Using the entries below, copy exactly each line from the line with "circle A0 centre (0, 0) radius 5" up to and including the line with "(-13.5, 3.5), align=None)", with every picture left out.

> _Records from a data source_
----------------------------------------

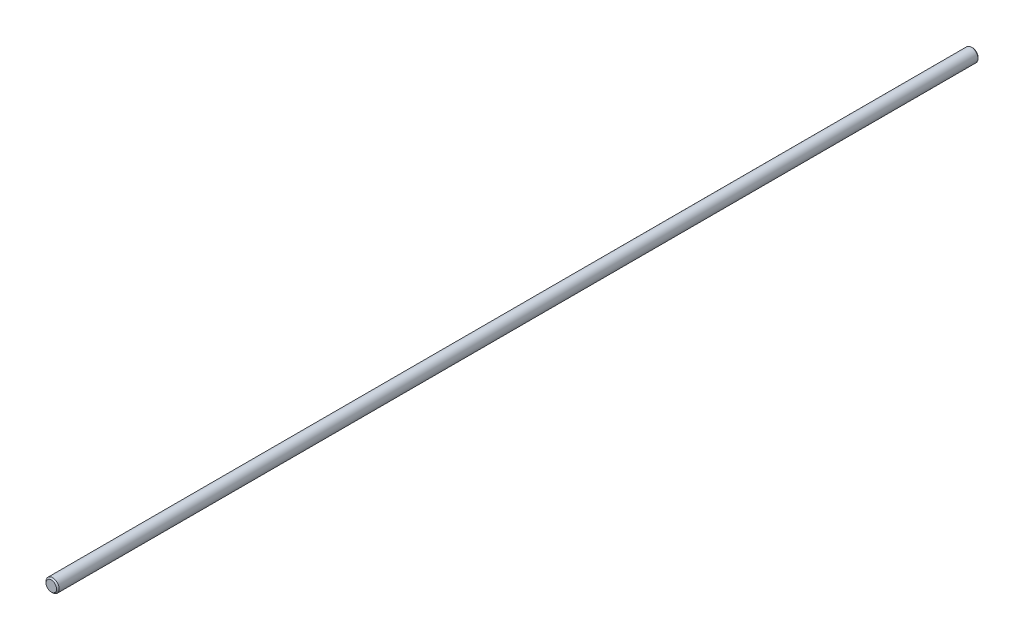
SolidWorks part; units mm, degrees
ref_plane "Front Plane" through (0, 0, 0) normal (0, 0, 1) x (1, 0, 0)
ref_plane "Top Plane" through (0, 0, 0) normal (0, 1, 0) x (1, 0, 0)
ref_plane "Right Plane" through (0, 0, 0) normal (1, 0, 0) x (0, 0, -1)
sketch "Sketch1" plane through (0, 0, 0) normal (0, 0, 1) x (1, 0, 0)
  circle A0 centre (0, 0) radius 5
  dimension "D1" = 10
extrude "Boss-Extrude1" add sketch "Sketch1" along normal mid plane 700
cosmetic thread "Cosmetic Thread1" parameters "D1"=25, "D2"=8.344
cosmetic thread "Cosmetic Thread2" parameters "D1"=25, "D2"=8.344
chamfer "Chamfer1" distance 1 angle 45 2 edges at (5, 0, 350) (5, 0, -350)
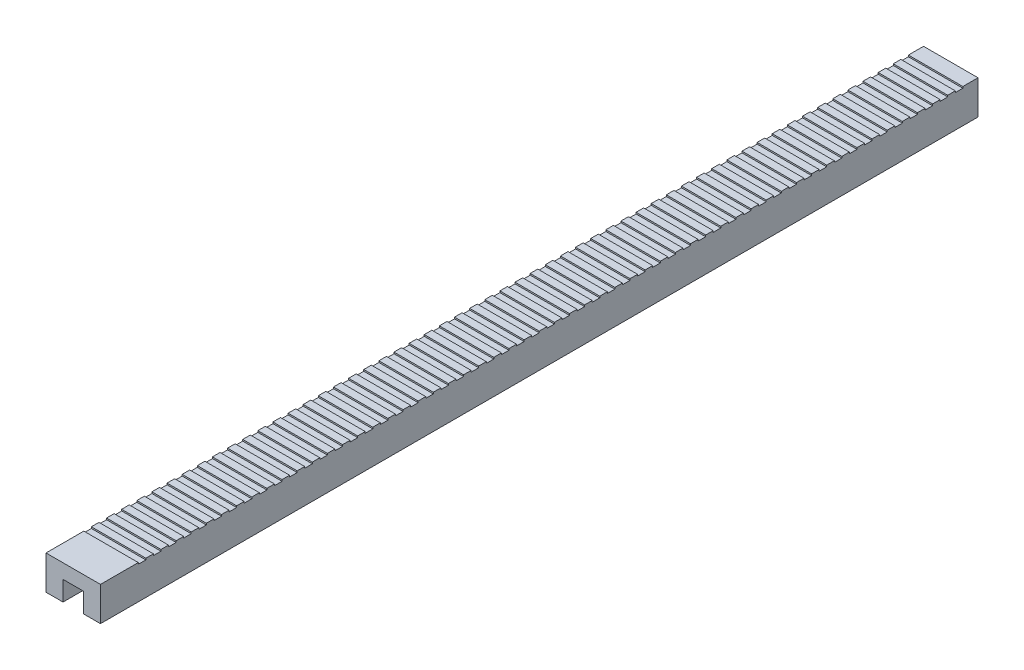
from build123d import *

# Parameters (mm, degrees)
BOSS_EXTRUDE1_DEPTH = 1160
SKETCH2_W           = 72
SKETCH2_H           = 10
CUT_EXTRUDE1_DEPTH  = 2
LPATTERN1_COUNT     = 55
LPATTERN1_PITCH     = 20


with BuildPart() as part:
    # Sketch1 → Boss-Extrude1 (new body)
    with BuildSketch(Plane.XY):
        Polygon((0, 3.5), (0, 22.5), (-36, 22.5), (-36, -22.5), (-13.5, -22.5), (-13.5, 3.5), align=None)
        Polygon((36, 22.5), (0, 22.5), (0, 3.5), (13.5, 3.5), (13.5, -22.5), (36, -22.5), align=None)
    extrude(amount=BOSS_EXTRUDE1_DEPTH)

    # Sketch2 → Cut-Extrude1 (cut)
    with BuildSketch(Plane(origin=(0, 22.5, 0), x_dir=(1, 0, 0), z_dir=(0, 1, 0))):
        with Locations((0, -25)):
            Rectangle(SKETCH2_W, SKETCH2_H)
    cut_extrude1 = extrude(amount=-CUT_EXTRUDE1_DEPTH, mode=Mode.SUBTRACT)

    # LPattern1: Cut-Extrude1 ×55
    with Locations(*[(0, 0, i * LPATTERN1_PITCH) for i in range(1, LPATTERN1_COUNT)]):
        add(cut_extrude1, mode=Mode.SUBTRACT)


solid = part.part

----------------------------------------

> _Response to this exercise_
  circle A0 centre (0, 0) radius 5
  dimension "D1" = 10
extrude "Boss-Extrude1" add sketch "Sketch1" along normal mid plane 700
cosmetic thread "Cosmetic Thread1" parameters "D1"=25, "D2"=8.344
cosmetic thread "Cosmetic Thread2" parameters "D1"=25, "D2"=8.344
chamfer "Chamfer1" distance 1 angle 45 2 edges at (5, 0, 350) (5, 0, -350)
from build123d import *

# Parameters (mm, degrees)
BOSS_EXTRUDE1_DEPTH = 1160
SKETCH2_W           = 72
SKETCH2_H           = 10
CUT_EXTRUDE1_DEPTH  = 2
LPATTERN1_COUNT     = 55
LPATTERN1_PITCH     = 20


with BuildPart() as part:
    # Sketch1 → Boss-Extrude1 (new body)
    with BuildSketch(Plane.XY):
        Polygon((0, 3.5), (0, 22.5), (-36, 22.5), (-36, -22.5), (-13.5, -22.5), (-13.5, 3.5), align=None)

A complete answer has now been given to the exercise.